__ABOUT THIS TASK__.
Please find the lines in the following records that hold "subcontext", and copy them.

Data excerpts
------------------------------------------------
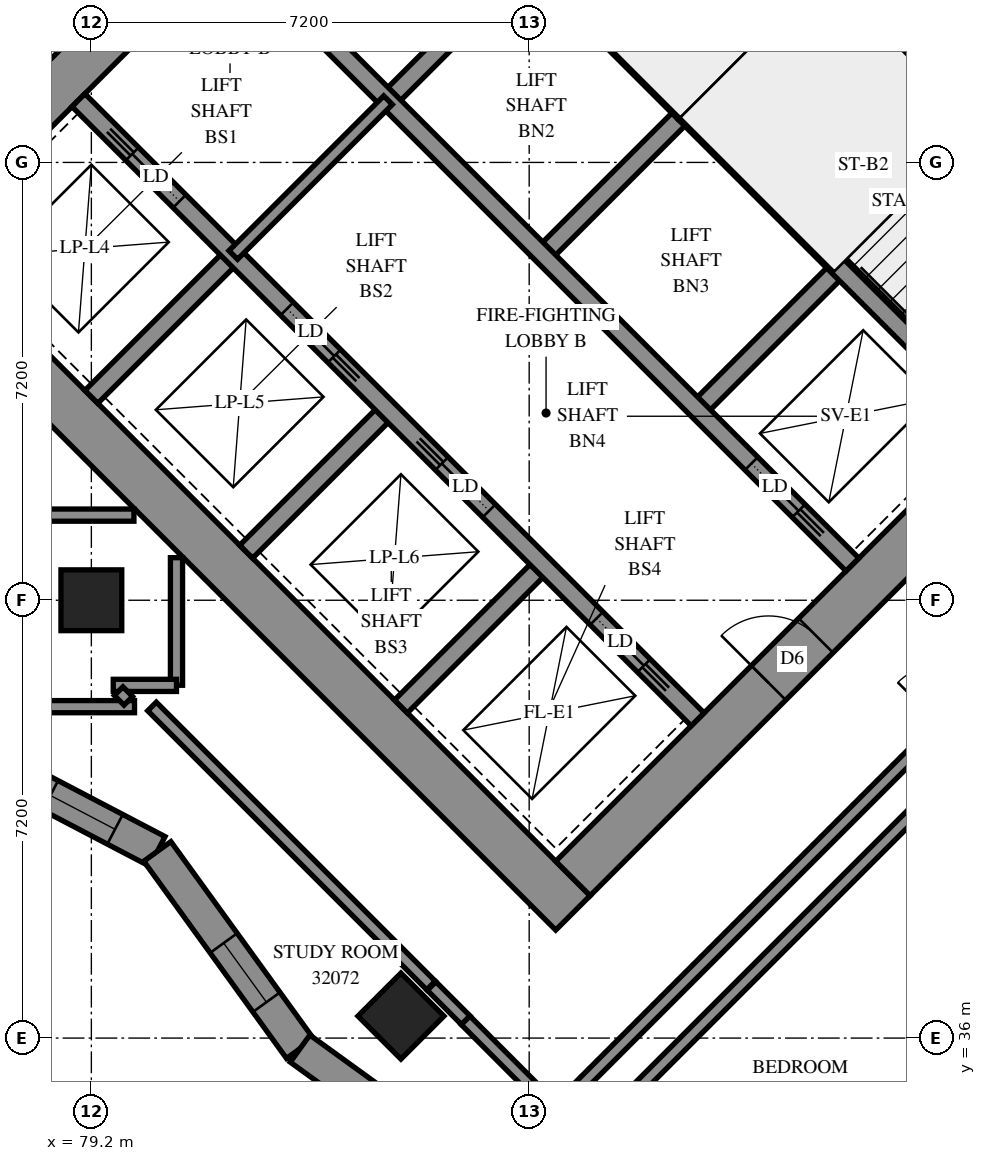
"""IFC4 building model, lengths in metres.
Left out: names, types, materials, properties, quantities, classifications, styles, units other than length and angle.
Written with IfcOpenShell. Run it as: python <this file> out.ifc"""

import sys

from ifc_helpers import new_model, si_unit, direction, frame, frame_2d, origin, origin_2d, place, context, subcontext, project, spatial, polyline, rectangle, outline, extrude, element, fill, save


model = new_model("IFC4")
c1 = context("Model", 3, precision=1e-05, world=origin(), true_north=direction((0.0, 1.0)))
c2 = subcontext(c1, "Body", "Model", "MODEL_VIEW")
j1 = project(units=[si_unit("LENGTHUNIT", "METRE"), si_unit("PLANEANGLEUNIT", "RADIAN")], contexts=[c1])
p1 = place(None, origin())
s1 = spatial("IfcSite", under=j1, at=p1, CompositionType="ELEMENT")
p2 = place(p1, origin())
s2 = spatial("IfcBuilding", under=s1, at=p2, CompositionType="ELEMENT")
p3 = place(p2, frame((0.0, 0.0, 118.6)))
s3 = spatial("IfcBuildingStorey", under=s2, at=p3, CompositionType="ELEMENT", Elevation=118.6)
for number, where, z_axis, x_axis in (
    (1, (79.2, 43.2, 0.0), (0.0, 0.0, 1.0), (1.0, 0.0, 0.0)),
    (2, (84.291, 36.362, 0.0), (0.0, 0.0, 1.0), (0.707, -0.707, 0.0)),
):
    element("IfcColumn", number, at=place(p3, frame(where, z_axis=z_axis, x_axis=x_axis)), inside=s3, PredefinedType="COLUMN", context=c2, shape_type="SweptSolid", body=[
        extrude(rectangle(XDim=1.0, YDim=1.0, at=origin_2d()), origin(), (0.0, 0.0, 1.0), 3.1),
    ])
p4 = place(p3, frame((75.806, 49.373, -0.3), z_axis=(0.0, 0.0, 1.0), x_axis=(0.7071067812, -0.7071067812, 0.0)))
e3 = element("IfcWall", 3, at=p4, inside=s3, PredefinedType="SHEAR", context=c2, shape_type="SweptSolid", body=[
    extrude(rectangle(XDim=16.0, YDim=0.8, at=frame_2d((8.0, 0.0))), origin(), (0.0, 0.0, 1.0), 2.7),
])
p5 = place(p3, frame((86.554, 60.121, -0.3), z_axis=(0.0, 0.0, 1.0), x_axis=(0.7071067812, -0.7071067812, 0.0)))
e4 = element("IfcWall", 4, at=p5, inside=s3, PredefinedType="SHEAR", context=c2, shape_type="SweptSolid", body=[
    extrude(rectangle(XDim=16.0, YDim=0.8, at=frame_2d((8.0, 0.0))), origin(), (0.0, 0.0, 1.0), 2.7),
])
p6 = place(p5, frame((10.8, 0.0, 0.3)))
e5 = element("IfcOpeningElement", 5, at=p6, cuts=e4, PredefinedType="OPENING", context=c2, shape_type="SweptSolid", body=[
    extrude(rectangle(XDim=0.8, YDim=2.1, at=frame_2d((0.4, 1.05))), frame((0.0, 0.41, 0.0), z_axis=(0.0, -1.0, 0.0), x_axis=(1.0, 0.0, 0.0)), (0.0, 0.0, 1.0), 0.82),
])
p7 = place(p3, frame((76.372, 49.373, -0.3), z_axis=(0.0, 0.0, 1.0), x_axis=(0.7071067812, 0.7071067812, 0.0)))
e6 = element("IfcWall", 6, at=p7, inside=s3, PredefinedType="SHEAR", context=c2, shape_type="SweptSolid", body=[
    extrude(rectangle(XDim=14.4, YDim=0.8, at=frame_2d((7.2, 0.0))), origin(), (0.0, 0.0, 1.0), 2.7),
])
p8 = place(p7, frame((4.55, 0.0, 0.3)))
e7 = element("IfcOpeningElement", 7, at=p8, cuts=e6, PredefinedType="OPENING", context=c2, shape_type="SweptSolid", body=[
    extrude(rectangle(XDim=1.1, YDim=2.1, at=frame_2d((0.55, 1.05))), frame((0.0, 0.41, 0.0), z_axis=(0.0, -1.0, 0.0), x_axis=(1.0, 0.0, 0.0)), (0.0, 0.0, 1.0), 0.82),
])
p9 = place(p7, frame((11.35, 0.0, 0.3)))
e8 = element("IfcOpeningElement", 8, at=p9, cuts=e6, PredefinedType="OPENING", context=c2, shape_type="SweptSolid", body=[
    extrude(rectangle(XDim=1.1, YDim=2.1, at=frame_2d((0.55, 1.05))), frame((0.0, 0.41, 0.0), z_axis=(0.0, -1.0, 0.0), x_axis=(1.0, 0.0, 0.0)), (0.0, 0.0, 1.0), 0.82),
])
p10 = place(p3, frame((87.12, 38.625, -0.3), z_axis=(0.0, 0.0, 1.0), x_axis=(0.7071067812, 0.7071067812, 0.0)))
e9 = element("IfcWall", 9, at=p10, inside=s3, PredefinedType="SHEAR", context=c2, shape_type="SweptSolid", body=[
    extrude(rectangle(XDim=14.4, YDim=0.8, at=frame_2d((7.2, 0.0))), origin(), (0.0, 0.0, 1.0), 2.7),
])
p11 = place(p10, frame((4.55, 0.0, 0.3)))
e10 = element("IfcOpeningElement", 10, at=p11, cuts=e9, PredefinedType="OPENING", context=c2, shape_type="SweptSolid", body=[
    extrude(rectangle(XDim=1.1, YDim=2.1, at=frame_2d((0.55, 1.05))), frame((0.0, 0.41, 0.0), z_axis=(0.0, -1.0, 0.0), x_axis=(1.0, 0.0, 0.0)), (0.0, 0.0, 1.0), 0.82),
])
p12 = place(p10, frame((11.35, 0.0, 0.3)))
e11 = element("IfcOpeningElement", 11, at=p12, cuts=e9, PredefinedType="OPENING", context=c2, shape_type="SweptSolid", body=[
    extrude(rectangle(XDim=1.1, YDim=2.1, at=frame_2d((0.55, 1.05))), frame((0.0, 0.41, 0.0), z_axis=(0.0, -1.0, 0.0), x_axis=(1.0, 0.0, 0.0)), (0.0, 0.0, 1.0), 0.82),
])
for number, where, z_axis, x_axis in (
    (12, (79.2, 46.544, 0.0), (0.0, 0.0, 1.0), (0.707, 0.707, 0.0)),
    (13, (84.079, 51.423, 0.0), (0.0, 0.0, 1.0), (0.707, 0.707, 0.0)),
):
    element("IfcWall", number, at=place(p3, frame(where, z_axis=z_axis, x_axis=x_axis)), inside=s3, PredefinedType="SOLIDWALL", context=c2, shape_type="SweptSolid", body=[
        extrude(rectangle(XDim=3.3, YDim=0.3, at=frame_2d((1.65, 0.0))), origin(), (0.0, 0.0, 1.0), 3.1),
    ])
p13 = place(p3, frame((81.746, 43.999, 0.0), z_axis=(0.0, 0.0, 1.0), x_axis=(0.7071067812, 0.7071067812, 0.0)))
e14 = element("IfcWall", 14, at=p13, inside=s3, PredefinedType="SOLIDWALL", context=c2, shape_type="SweptSolid", body=[
    extrude(rectangle(XDim=3.3, YDim=0.3, at=frame_2d((1.65, 0.0))), origin(), (0.0, 0.0, 1.0), 3.1),
])
p14 = place(p3, frame((86.625, 48.878, 0.0), z_axis=(0.0, 0.0, 1.0), x_axis=(0.7071067812, 0.7071067812, 0.0)))
e15 = element("IfcWall", 15, at=p14, inside=s3, PredefinedType="SOLIDWALL", context=c2, shape_type="SweptSolid", body=[
    extrude(rectangle(XDim=3.3, YDim=0.3, at=frame_2d((1.65, 0.0))), origin(), (0.0, 0.0, 1.0), 3.1),
])
p15 = place(p3, frame((84.291, 41.453, 0.0), z_axis=(0.0, 0.0, 1.0), x_axis=(0.7071067812, 0.7071067812, 0.0)))
e16 = element("IfcWall", 16, at=p15, inside=s3, PredefinedType="SOLIDWALL", context=c2, shape_type="SweptSolid", body=[
    extrude(rectangle(XDim=3.3, YDim=0.3, at=frame_2d((1.65, 0.0))), origin(), (0.0, 0.0, 1.0), 3.1),
])
p16 = place(p3, frame((89.17, 46.332, 0.0), z_axis=(0.0, 0.0, 1.0), x_axis=(0.7071067812, 0.7071067812, 0.0)))
e17 = element("IfcWall", 17, at=p16, inside=s3, PredefinedType="SOLIDWALL", context=c2, shape_type="SweptSolid", body=[
    extrude(rectangle(XDim=3.3, YDim=0.3, at=frame_2d((1.65, 0.0))), origin(), (0.0, 0.0, 1.0), 3.1),
])
p17 = place(p3, frame((78.988, 51.423, 0.0), z_axis=(0.0, 0.0, 1.0), x_axis=(0.7071067812, -0.7071067812, 0.0)))
e18 = element("IfcWall", 18, at=p17, inside=s3, PredefinedType="SOLIDWALL", context=c2, shape_type="SweptSolid", body=[
    extrude(rectangle(XDim=14.4, YDim=0.3, at=frame_2d((7.2, 0.0))), origin(), (0.0, 0.0, 1.0), 3.1),
])
p18 = place(p17, frame((1.25, 0.0, 0.0)))
e19 = element("IfcOpeningElement", 19, at=p18, cuts=e18, PredefinedType="OPENING", context=c2, shape_type="SweptSolid", body=[
    extrude(rectangle(XDim=1.1, YDim=2.1, at=frame_2d((0.55, 1.05))), frame((0.0, 0.16, 0.0), z_axis=(0.0, -1.0, 0.0), x_axis=(1.0, 0.0, 0.0)), (0.0, 0.0, 1.0), 0.32),
])
p19 = place(p17, frame((4.85, 0.0, 0.0)))
e20 = element("IfcOpeningElement", 20, at=p19, cuts=e18, PredefinedType="OPENING", context=c2, shape_type="SweptSolid", body=[
    extrude(rectangle(XDim=1.1, YDim=2.1, at=frame_2d((0.55, 1.05))), frame((0.0, 0.16, 0.0), z_axis=(0.0, -1.0, 0.0), x_axis=(1.0, 0.0, 0.0)), (0.0, 0.0, 1.0), 0.32),
])
p20 = place(p17, frame((8.45, 0.0, 0.0)))
e21 = element("IfcOpeningElement", 21, at=p20, cuts=e18, PredefinedType="OPENING", context=c2, shape_type="SweptSolid", body=[
    extrude(rectangle(XDim=1.1, YDim=2.1, at=frame_2d((0.55, 1.05))), frame((0.0, 0.16, 0.0), z_axis=(0.0, -1.0, 0.0), x_axis=(1.0, 0.0, 0.0)), (0.0, 0.0, 1.0), 0.32),
])
p21 = place(p17, frame((12.05, 0.0, 0.0)))
e22 = element("IfcOpeningElement", 22, at=p21, cuts=e18, PredefinedType="OPENING", context=c2, shape_type="SweptSolid", body=[
    extrude(rectangle(XDim=1.1, YDim=2.1, at=frame_2d((0.55, 1.05))), frame((0.0, 0.16, 0.0), z_axis=(0.0, -1.0, 0.0), x_axis=(1.0, 0.0, 0.0)), (0.0, 0.0, 1.0), 0.32),
])
p22 = place(p3, frame((81.534, 53.969, 0.0), z_axis=(0.0, 0.0, 1.0), x_axis=(0.707103309, -0.7071102534, 0.0)))
e23 = element("IfcWall", 23, at=p22, inside=s3, PredefinedType="SOLIDWALL", context=c2, shape_type="SweptSolid", body=[
    extrude(rectangle(XDim=14.4, YDim=0.3, at=frame_2d((7.2, 0.0))), origin(), (0.0, 0.0, 1.0), 3.1),
])
p23 = place(p22, frame((12.05, 0.0, 0.0)))
e24 = element("IfcOpeningElement", 24, at=p23, cuts=e23, PredefinedType="OPENING", context=c2, shape_type="SweptSolid", body=[
    extrude(rectangle(XDim=1.1, YDim=2.1, at=frame_2d((0.55, 1.05))), frame((0.0, 0.16, 0.0), z_axis=(0.0, -1.0, 0.0), x_axis=(1.0, 0.0, 0.0)), (0.0, 0.0, 1.0), 0.32),
])
for number, where, z_axis, x_axis in (
    (25, (83.867, 56.302, 0.0), (0.0, 0.0, 1.0), (0.707, -0.707, 0.0)),
    (26, (88.958, 51.211, 0.0), (0.0, 0.0, 1.0), (0.707, -0.707, 0.0)),
):
    element("IfcWall", number, at=place(p3, frame(where, z_axis=z_axis, x_axis=x_axis)), inside=s3, PredefinedType="SOLIDWALL", context=c2, shape_type="SweptSolid", body=[
        extrude(rectangle(XDim=7.2, YDim=0.3, at=frame_2d((3.6, 0.0))), origin(), (0.0, 0.0, 1.0), 3.1),
    ])
p24 = place(p3, frame((88.958, 51.211, 0.0), z_axis=(0.0, 0.0, 1.0), x_axis=(0.7071067812, 0.7071067812, 0.0)))
e27 = element("IfcWall", 27, at=p24, inside=s3, PredefinedType="SOLIDWALL", context=c2, shape_type="SweptSolid", body=[
    extrude(rectangle(XDim=4.2, YDim=0.3, at=frame_2d((2.1, 0.0))), origin(), (0.0, 0.0, 1.0), 3.1),
])
p25 = place(p3, frame((76.561, 41.019, 0.0), z_axis=(0.0, 0.0, 1.0), x_axis=(0.8859460506, -0.4637883089, 0.0)))
e28 = element("IfcWall", 28, at=p25, inside=s3, PredefinedType="SOLIDWALL", context=c2, shape_type="SweptSolid", body=[
    extrude(outline(polyline([(0.019, -0.275), (4.139, -0.275), (4.268, 0.275), (-0.019, 0.275), (0.019, -0.275)])), origin(), (0.0, 0.0, 1.0), 3.1),
])
p26 = place(p25, frame((0.717, 0.0, 0.5)))
e29 = element("IfcOpeningElement", 29, at=p26, cuts=e28, PredefinedType="OPENING", context=c2, shape_type="SweptSolid", body=[
    extrude(rectangle(XDim=1.2, YDim=2.45, at=frame_2d((0.6, 1.225))), frame((0.0, 0.285, 0.0), z_axis=(0.0, -1.0, 0.0), x_axis=(1.0, 0.0, 0.0)), (0.0, 0.0, 1.0), 0.57),
])
p27 = place(p25, frame((2.219, 0.0, 0.5)))
e30 = element("IfcOpeningElement", 30, at=p27, cuts=e28, PredefinedType="OPENING", context=c2, shape_type="SweptSolid", body=[
    extrude(rectangle(XDim=1.2, YDim=2.45, at=frame_2d((0.6, 1.225))), frame((0.0, 0.285, 0.0), z_axis=(0.0, -1.0, 0.0), x_axis=(1.0, 0.0, 0.0)), (0.0, 0.0, 1.0), 0.57),
])
p28 = place(p3, frame((80.285, 39.07, 0.0), z_axis=(0.0, 0.0, 1.0), x_axis=(0.5863448025, -0.8100615857, 0.0)))
e31 = element("IfcWall", 31, at=p28, inside=s3, PredefinedType="SOLIDWALL", context=c2, shape_type="SweptSolid", body=[
    extrude(outline(polyline([(0.065, -0.275), (4.047, -0.275), (3.959, 0.275), (-0.065, 0.275), (0.065, -0.275)])), origin(), (0.0, 0.0, 1.0), 3.1),
])
p29 = place(p28, frame((1.861, 0.0, 0.5)))
e32 = element("IfcOpeningElement", 32, at=p29, cuts=e31, PredefinedType="OPENING", context=c2, shape_type="SweptSolid", body=[
    extrude(rectangle(XDim=1.2, YDim=2.45, at=frame_2d((0.6, 1.225))), frame((0.0, 0.285, 0.0), z_axis=(0.0, -1.0, 0.0), x_axis=(1.0, 0.0, 0.0)), (0.0, 0.0, 1.0), 0.57),
])
p30 = place(p3, frame((82.632, 35.827, 0.0), z_axis=(0.0, 0.0, 1.0), x_axis=(0.8100630266, -0.5863428119, 0.0)))
e33 = element("IfcWall", 33, at=p30, inside=s3, PredefinedType="SOLIDWALL", context=c2, shape_type="SweptSolid", body=[
    extrude(outline(polyline([(-0.044, -0.275), (3.939, -0.275), (4.027, 0.275), (0.044, 0.275), (-0.044, -0.275)])), origin(), (0.0, 0.0, 1.0), 3.1),
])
------------------------------------------------
__TASK OUTPUT__.
from ifc_helpers import new_model, si_unit, direction, frame, frame_2d, origin, origin_2d, place, context, subcontext, project, spatial, polyline, rectangle, outline, extrude, element, fill, save
c2 = subcontext(c1, "Body", "Model", "MODEL_VIEW")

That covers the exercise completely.